- Activity -
Your answer should be every line of the records that contains the word "number".

━━━ Given information ━━━

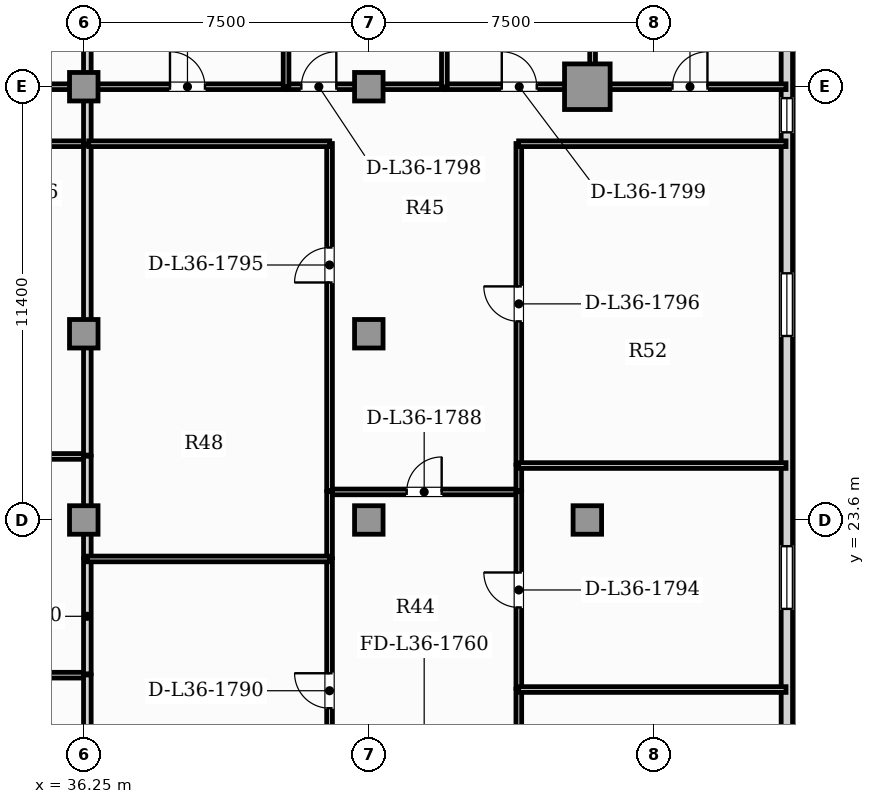
"""IFC4 building model, lengths in metres.
Left out: names, types, materials, properties, quantities, classifications, styles, units other than length and angle.
Written with IfcOpenShell. Run it as: python <this file> out.ifc"""

import sys

from ifc_helpers import new_model, si_unit, direction, frame, frame_2d, origin, origin_2d, place, context, subcontext, project, spatial, rectangle, hollow_rectangle, extrude, element, fill, save


model = new_model("IFC4")
c1 = context("Model", 3, precision=1e-05, world=origin(), true_north=direction((0.0, 1.0)))
c2 = subcontext(c1, "Body", "Model", "MODEL_VIEW")
j1 = project(units=[si_unit("LENGTHUNIT", "METRE"), si_unit("PLANEANGLEUNIT", "RADIAN")], contexts=[c1])
p1 = place(None, origin())
s1 = spatial("IfcSite", under=j1, at=p1, CompositionType="ELEMENT")
p2 = place(p1, origin())
s2 = spatial("IfcBuilding", under=s1, at=p2, CompositionType="ELEMENT")
p3 = place(p2, frame((0.0, 0.0, 149.05)))
s3 = spatial("IfcBuildingStorey", under=s2, at=p3, CompositionType="ELEMENT", Elevation=149.05)
p4 = place(p3, frame((49.5, 35.0, 0.0), z_axis=(0.0, 0.0, 1.0), x_axis=(1.0, 0.0, 0.0)))
e1 = element("IfcColumn", 1, at=p4, inside=s3, PredefinedType="USERDEFINED", context=c2, shape_type="SweptSolid", body=[
    extrude(hollow_rectangle(XDim=1.2, YDim=1.2, WallThickness=0.07, at=origin_2d()), origin(), (0.0, 0.0, 1.0), 3.85),
])
for number, where, z_axis, x_axis in (
    (2, (36.25, 23.6, 0.0), (0.0, 0.0, 1.0), (1.0, 0.0, 0.0)),
    (3, (43.75, 23.6, 0.0), (0.0, 0.0, 1.0), (1.0, 0.0, 0.0)),
    (4, (49.5, 23.6, 0.0), (0.0, 0.0, 1.0), (1.0, 0.0, 0.0)),
    (5, (36.25, 28.5, 0.0), (0.0, 0.0, 1.0), (1.0, 0.0, 0.0)),
    (6, (43.75, 28.5, 0.0), (0.0, 0.0, 1.0), (1.0, 0.0, 0.0)),
    (7, (36.25, 35.0, 0.0), (0.0, 0.0, 1.0), (1.0, 0.0, 0.0)),
    (8, (43.75, 35.0, 0.0), (0.0, 0.0, 1.0), (1.0, 0.0, 0.0)),
):
    element("IfcColumn", number, at=place(p3, frame(where, z_axis=z_axis, x_axis=x_axis)), inside=s3, PredefinedType="COLUMN", context=c2, shape_type="SweptSolid", body=[
        extrude(rectangle(XDim=0.75, YDim=0.75, at=origin_2d()), origin(), (0.0, 0.0, 1.0), 3.85),
    ])
p5 = place(p3, frame((54.75, 3.24, 0.0), z_axis=(0.0, 0.0, 1.0), x_axis=(0.0, 1.0, 0.0)))
e9 = element("IfcWall", 9, at=p5, inside=s3, PredefinedType="SOLIDWALL", context=c2, shape_type="SweptSolid", body=[
    extrude(rectangle(XDim=36.72, YDim=0.3, at=frame_2d((18.36, 0.0))), origin(), (0.0, 0.0, 1.0), 3.63),
])
p6 = place(p5, frame((30.56, 0.0, 0.95)))
e10 = element("IfcOpeningElement", 10, at=p6, cuts=e9, PredefinedType="OPENING", context=c2, shape_type="SweptSolid", body=[
    extrude(rectangle(XDim=0.9, YDim=1.5, at=frame_2d((0.45, 0.75))), frame((0.0, 0.16, 0.0), z_axis=(0.0, -1.0, 0.0), x_axis=(1.0, 0.0, 0.0)), (0.0, 0.0, 1.0), 0.32),
])
p7 = place(p5, frame((10.995, 0.0, 0.95)))
e11 = element("IfcOpeningElement", 11, at=p7, cuts=e9, PredefinedType="OPENING", context=c2, shape_type="SweptSolid", body=[
    extrude(rectangle(XDim=0.9, YDim=1.5, at=frame_2d((0.45, 0.75))), frame((0.0, 0.16, 0.0), z_axis=(0.0, -1.0, 0.0), x_axis=(1.0, 0.0, 0.0)), (0.0, 0.0, 1.0), 0.32),
])
p8 = place(p5, frame((13.304, 0.0, 0.88)))
e12 = element("IfcOpeningElement", 12, at=p8, cuts=e9, PredefinedType="OPENING", context=c2, shape_type="SweptSolid", body=[
    extrude(rectangle(XDim=1.65, YDim=2.0, at=frame_2d((0.825, 1.0))), frame((0.0, 0.16, 0.0), z_axis=(0.0, -1.0, 0.0), x_axis=(1.0, 0.0, 0.0)), (0.0, 0.0, 1.0), 0.32),
])
p9 = place(p5, frame((18.021, 0.0, 0.88)))
e13 = element("IfcOpeningElement", 13, at=p9, cuts=e9, PredefinedType="OPENING", context=c2, shape_type="SweptSolid", body=[
    extrude(rectangle(XDim=1.65, YDim=2.0, at=frame_2d((0.825, 1.0))), frame((0.0, 0.16, 0.0), z_axis=(0.0, -1.0, 0.0), x_axis=(1.0, 0.0, 0.0)), (0.0, 0.0, 1.0), 0.32),
])
p10 = place(p5, frame((25.201, 0.0, 0.88)))
e14 = element("IfcOpeningElement", 14, at=p10, cuts=e9, PredefinedType="OPENING", context=c2, shape_type="SweptSolid", body=[
    extrude(rectangle(XDim=1.65, YDim=2.0, at=frame_2d((0.825, 1.0))), frame((0.0, 0.16, 0.0), z_axis=(0.0, -1.0, 0.0), x_axis=(1.0, 0.0, 0.0)), (0.0, 0.0, 1.0), 0.32),
])
p11 = place(p5, frame((32.759, 0.0, 0.88)))
e15 = element("IfcOpeningElement", 15, at=p11, cuts=e9, PredefinedType="OPENING", context=c2, shape_type="SweptSolid", body=[
    extrude(rectangle(XDim=1.65, YDim=2.0, at=frame_2d((0.825, 1.0))), frame((0.0, 0.16, 0.0), z_axis=(0.0, -1.0, 0.0), x_axis=(1.0, 0.0, 0.0)), (0.0, 0.0, 1.0), 0.32),
])
p12 = place(p3, frame((29.43, 33.5, 0.0), z_axis=(0.0, 0.0, 1.0), x_axis=(1.0, 0.0, 0.0)))
e16 = element("IfcWall", 16, at=p12, inside=s3, PredefinedType="PARTITIONING", context=c2, shape_type="SweptSolid", body=[
    extrude(rectangle(XDim=6.919, YDim=0.15, at=frame_2d((3.459, 0.0))), origin(), (0.0, 0.0, 1.0), 3.63),
])
p13 = place(p3, frame((32.622, 35.0, 0.0), z_axis=(0.0, 0.0, 1.0), x_axis=(1.0, 0.0, 0.0)))
e17 = element("IfcWall", 17, at=p13, inside=s3, PredefinedType="PARTITIONING", context=c2, shape_type="SweptSolid", body=[
    extrude(rectangle(XDim=3.728, YDim=0.15, at=frame_2d((1.864, 0.0))), origin(), (0.0, 0.0, 1.0), 3.013),
])
p14 = place(p13, frame((1.404, 0.0, 0.0)))
e18 = element("IfcOpeningElement", 18, at=p14, cuts=e17, PredefinedType="OPENING", context=c2, shape_type="SweptSolid", body=[
    extrude(rectangle(XDim=0.92, YDim=2.1, at=frame_2d((0.46, 1.05))), frame((0.0, 0.085, 0.0), z_axis=(0.0, -1.0, 0.0), x_axis=(1.0, 0.0, 0.0)), (0.0, 0.0, 1.0), 0.17),
])
p15 = place(p3, frame((36.344, 33.495, 0.0), z_axis=(0.0, 0.0, 1.0), x_axis=(0.0, 1.0, 0.0)))
e19 = element("IfcWall", 19, at=p15, inside=s3, PredefinedType="PARTITIONING", context=c2, shape_type="SweptSolid", body=[
    extrude(rectangle(XDim=1.51, YDim=0.2, at=frame_2d((0.755, 0.0))), origin(), (0.0, 0.0, 1.0), 3.177),
])
p16 = place(p3, frame((29.43, 19.517, 0.0), z_axis=(0.0, 0.0, 1.0), x_axis=(1.0, 0.0, 0.0)))
e20 = element("IfcWall", 20, at=p16, inside=s3, PredefinedType="PARTITIONING", context=c2, shape_type="SweptSolid", body=[
    extrude(rectangle(XDim=6.919, YDim=0.15, at=frame_2d((3.459, 0.0))), origin(), (0.0, 0.0, 1.0), 3.63),
])
p17 = place(p3, frame((36.344, 15.635, 0.0), z_axis=(0.0, 0.0, 1.0), x_axis=(0.0, 1.0, 0.0)))
e21 = element("IfcWall", 21, at=p17, inside=s3, PredefinedType="PARTITIONING", context=c2, shape_type="SweptSolid", body=[
    extrude(rectangle(XDim=3.886, YDim=0.2, at=frame_2d((1.943, 0.0))), origin(), (0.0, 0.0, 1.0), 3.177),
])
p18 = place(p3, frame((29.43, 25.272, 0.0), z_axis=(0.0, 0.0, 1.0), x_axis=(1.0, 0.0, 0.0)))
e22 = element("IfcWall", 22, at=p18, inside=s3, PredefinedType="PARTITIONING", context=c2, shape_type="SweptSolid", body=[
    extrude(rectangle(XDim=6.919, YDim=0.15, at=frame_2d((3.459, 0.0))), origin(), (0.0, 0.0, 1.0), 3.63),
])
p19 = place(p3, frame((36.344, 19.552, 0.0), z_axis=(0.0, 0.0, 1.0), x_axis=(0.0, 1.0, 0.0)))
e23 = element("IfcWall", 23, at=p19, inside=s3, PredefinedType="PARTITIONING", context=c2, shape_type="SweptSolid", body=[
    extrude(rectangle(XDim=3.028, YDim=0.2, at=frame_2d((1.514, 0.0))), origin(), (0.0, 0.0, 1.0), 3.177),
])
p20 = place(p3, frame((36.344, 22.61, 0.0), z_axis=(0.0, 0.0, 1.0), x_axis=(0.0, 1.0, 0.0)))
e24 = element("IfcWall", 24, at=p20, inside=s3, PredefinedType="PARTITIONING", context=c2, shape_type="SweptSolid", body=[
    extrude(rectangle(XDim=2.667, YDim=0.2, at=frame_2d((1.334, 0.0))), origin(), (0.0, 0.0, 1.0), 3.177),
])
p21 = place(p3, frame((36.344, 25.307, 0.0), z_axis=(0.0, 0.0, 1.0), x_axis=(0.0, 1.0, 0.0)))
e25 = element("IfcWall", 25, at=p21, inside=s3, PredefinedType="PARTITIONING", context=c2, shape_type="SweptSolid", body=[
    extrude(rectangle(XDim=8.158, YDim=0.2, at=frame_2d((4.079, 0.0))), origin(), (0.0, 0.0, 1.0), 3.177),
])
p22 = place(p3, frame((36.344, 35.035, 0.0), z_axis=(0.0, 0.0, 1.0), x_axis=(0.0, 1.0, 0.0)))
e26 = element("IfcWall", 26, at=p22, inside=s3, PredefinedType="PARTITIONING", context=c2, shape_type="SweptSolid", body=[
    extrude(rectangle(XDim=7.993, YDim=0.2, at=frame_2d((3.996, 0.0))), origin(), (0.0, 0.0, 1.0), 3.63),
])
p23 = place(p3, frame((42.712, 24.338, 0.0), z_axis=(0.0, 0.0, 1.0), x_axis=(1.0, 0.0, 0.0)))
e27 = element("IfcWall", 27, at=p23, inside=s3, PredefinedType="PARTITIONING", context=c2, shape_type="SweptSolid", body=[
    extrude(rectangle(XDim=4.99, YDim=0.15, at=frame_2d((2.495, 0.0))), origin(), (0.0, 0.0, 1.0), 3.63),
])
p24 = place(p23, frame((2.035, 0.0, 0.0)))
e28 = element("IfcOpeningElement", 28, at=p24, cuts=e27, PredefinedType="OPENING", context=c2, shape_type="SweptSolid", body=[
    extrude(rectangle(XDim=0.92, YDim=2.1, at=frame_2d((0.46, 1.05))), frame((0.0, 0.085, 0.0), z_axis=(0.0, -1.0, 0.0), x_axis=(1.0, 0.0, 0.0)), (0.0, 0.0, 1.0), 0.17),
])
p25 = place(p3, frame((42.717, 15.635, 0.0), z_axis=(0.0, 0.0, 1.0), x_axis=(0.0, 1.0, 0.0)))
e29 = element("IfcWall", 29, at=p25, inside=s3, PredefinedType="PARTITIONING", context=c2, shape_type="SweptSolid", body=[
    extrude(rectangle(XDim=6.945, YDim=0.15, at=frame_2d((3.472, 0.0))), origin(), (0.0, 0.0, 1.0), 3.63),
])
p26 = place(p25, frame((3.012, 0.0, 0.0)))
e30 = element("IfcOpeningElement", 30, at=p26, cuts=e29, PredefinedType="OPENING", context=c2, shape_type="SweptSolid", body=[
    extrude(rectangle(XDim=0.92, YDim=2.1, at=frame_2d((0.46, 1.05))), frame((0.0, 0.085, 0.0), z_axis=(0.0, -1.0, 0.0), x_axis=(1.0, 0.0, 0.0)), (0.0, 0.0, 1.0), 0.17),
])
p27 = place(p3, frame((42.717, 22.61, 0.0), z_axis=(0.0, 0.0, 1.0), x_axis=(0.0, 1.0, 0.0)))
e31 = element("IfcWall", 31, at=p27, inside=s3, PredefinedType="PARTITIONING", context=c2, shape_type="SweptSolid", body=[
    extrude(rectangle(XDim=1.734, YDim=0.15, at=frame_2d((0.867, 0.0))), origin(), (0.0, 0.0, 1.0), 3.63),
])
p28 = place(p3, frame((47.697, 15.635, 0.0), z_axis=(0.0, 0.0, 1.0), x_axis=(0.0, 1.0, 0.0)))
e32 = element("IfcWall", 32, at=p28, inside=s3, PredefinedType="PARTITIONING", context=c2, shape_type="SweptSolid", body=[
    extrude(rectangle(XDim=3.509, YDim=0.15, at=frame_2d((1.754, 0.0))), origin(), (0.0, 0.0, 1.0), 3.177),
])
p29 = place(p28, frame((1.294, 0.0, 0.0)))
e33 = element("IfcOpeningElement", 33, at=p29, cuts=e32, PredefinedType="OPENING", context=c2, shape_type="SweptSolid", body=[
    extrude(rectangle(XDim=0.92, YDim=2.1, at=frame_2d((0.46, 1.05))), frame((0.0, 0.085, 0.0), z_axis=(0.0, -1.0, 0.0), x_axis=(1.0, 0.0, 0.0)), (0.0, 0.0, 1.0), 0.17),
])
p30 = place(p3, frame((47.697, 19.174, 0.0), z_axis=(0.0, 0.0, 1.0), x_axis=(0.0, 1.0, 0.0)))
e34 = element("IfcWall", 34, at=p30, inside=s3, PredefinedType="PARTITIONING", context=c2, shape_type="SweptSolid", body=[
    extrude(rectangle(XDim=5.17, YDim=0.15, at=frame_2d((2.585, 0.0))), origin(), (0.0, 0.0, 1.0), 3.177),
])
p31 = place(p30, frame((2.125, 0.0, 0.0)))
e35 = element("IfcOpeningElement", 35, at=p31, cuts=e34, PredefinedType="OPENING", context=c2, shape_type="SweptSolid", body=[
    extrude(rectangle(XDim=0.92, YDim=2.1, at=frame_2d((0.46, 1.05))), frame((0.0, 0.085, 0.0), z_axis=(0.0, -1.0, 0.0), x_axis=(1.0, 0.0, 0.0)), (0.0, 0.0, 1.0), 0.17),
])
p32 = place(p3, frame((42.717, 24.374, 0.0), z_axis=(0.0, 0.0, 1.0), x_axis=(0.0, 1.0, 0.0)))
e36 = element("IfcWall", 36, at=p32, inside=s3, PredefinedType="PARTITIONING", context=c2, shape_type="SweptSolid", body=[
    extrude(rectangle(XDim=9.131, YDim=0.15, at=frame_2d((4.566, 0.0))), origin(), (0.0, 0.0, 1.0), 3.63),
])
p33 = place(p32, frame((5.476, 0.0, 0.0)))
e37 = element("IfcOpeningElement", 37, at=p33, cuts=e36, PredefinedType="OPENING", context=c2, shape_type="SweptSolid", body=[
    extrude(rectangle(XDim=0.92, YDim=2.1, at=frame_2d((0.46, 1.05))), frame((0.0, 0.085, 0.0), z_axis=(0.0, -1.0, 0.0), x_axis=(1.0, 0.0, 0.0)), (0.0, 0.0, 1.0), 0.17),
])
p34 = place(p3, frame((36.379, 33.5, 0.0), z_axis=(0.0, 0.0, 1.0), x_axis=(1.0, 0.0, 0.0)))
e38 = element("IfcWall", 38, at=p34, inside=s3, PredefinedType="PARTITIONING", context=c2, shape_type="SweptSolid", body=[
    extrude(rectangle(XDim=6.343, YDim=0.15, at=frame_2d((3.171, 0.0))), origin(), (0.0, 0.0, 1.0), 3.63),
])
p35 = place(p3, frame((47.697, 24.374, 0.0), z_axis=(0.0, 0.0, 1.0), x_axis=(0.0, 1.0, 0.0)))
e39 = element("IfcWall", 39, at=p35, inside=s3, PredefinedType="PARTITIONING", context=c2, shape_type="SweptSolid", body=[
    extrude(rectangle(XDim=0.664, YDim=0.15, at=frame_2d((0.332, 0.0))), origin(), (0.0, 0.0, 1.0), 3.63),
])
p36 = place(p3, frame((47.697, 25.067, 0.0), z_axis=(0.0, 0.0, 1.0), x_axis=(0.0, 1.0, 0.0)))
e40 = element("IfcWall", 40, at=p36, inside=s3, PredefinedType="PARTITIONING", context=c2, shape_type="SweptSolid", body=[
    extrude(rectangle(XDim=8.438, YDim=0.15, at=frame_2d((4.219, 0.0))), origin(), (0.0, 0.0, 1.0), 3.177),
])
p37 = place(p36, frame((3.759, 0.0, 0.0)))
e41 = element("IfcOpeningElement", 41, at=p37, cuts=e40, PredefinedType="OPENING", context=c2, shape_type="SweptSolid", body=[
    extrude(rectangle(XDim=0.92, YDim=2.1, at=frame_2d((0.46, 1.05))), frame((0.0, 0.085, 0.0), z_axis=(0.0, -1.0, 0.0), x_axis=(1.0, 0.0, 0.0)), (0.0, 0.0, 1.0), 0.17),
])
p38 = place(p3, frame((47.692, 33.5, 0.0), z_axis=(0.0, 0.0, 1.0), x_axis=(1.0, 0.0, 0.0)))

━━━

- Your solution -
for number, where, z_axis, x_axis in (
    element("IfcColumn", number, at=place(p3, frame(where, z_axis=z_axis, x_axis=x_axis)), inside=s3, PredefinedType="COLUMN", context=c2, shape_type="SweptSolid", body=[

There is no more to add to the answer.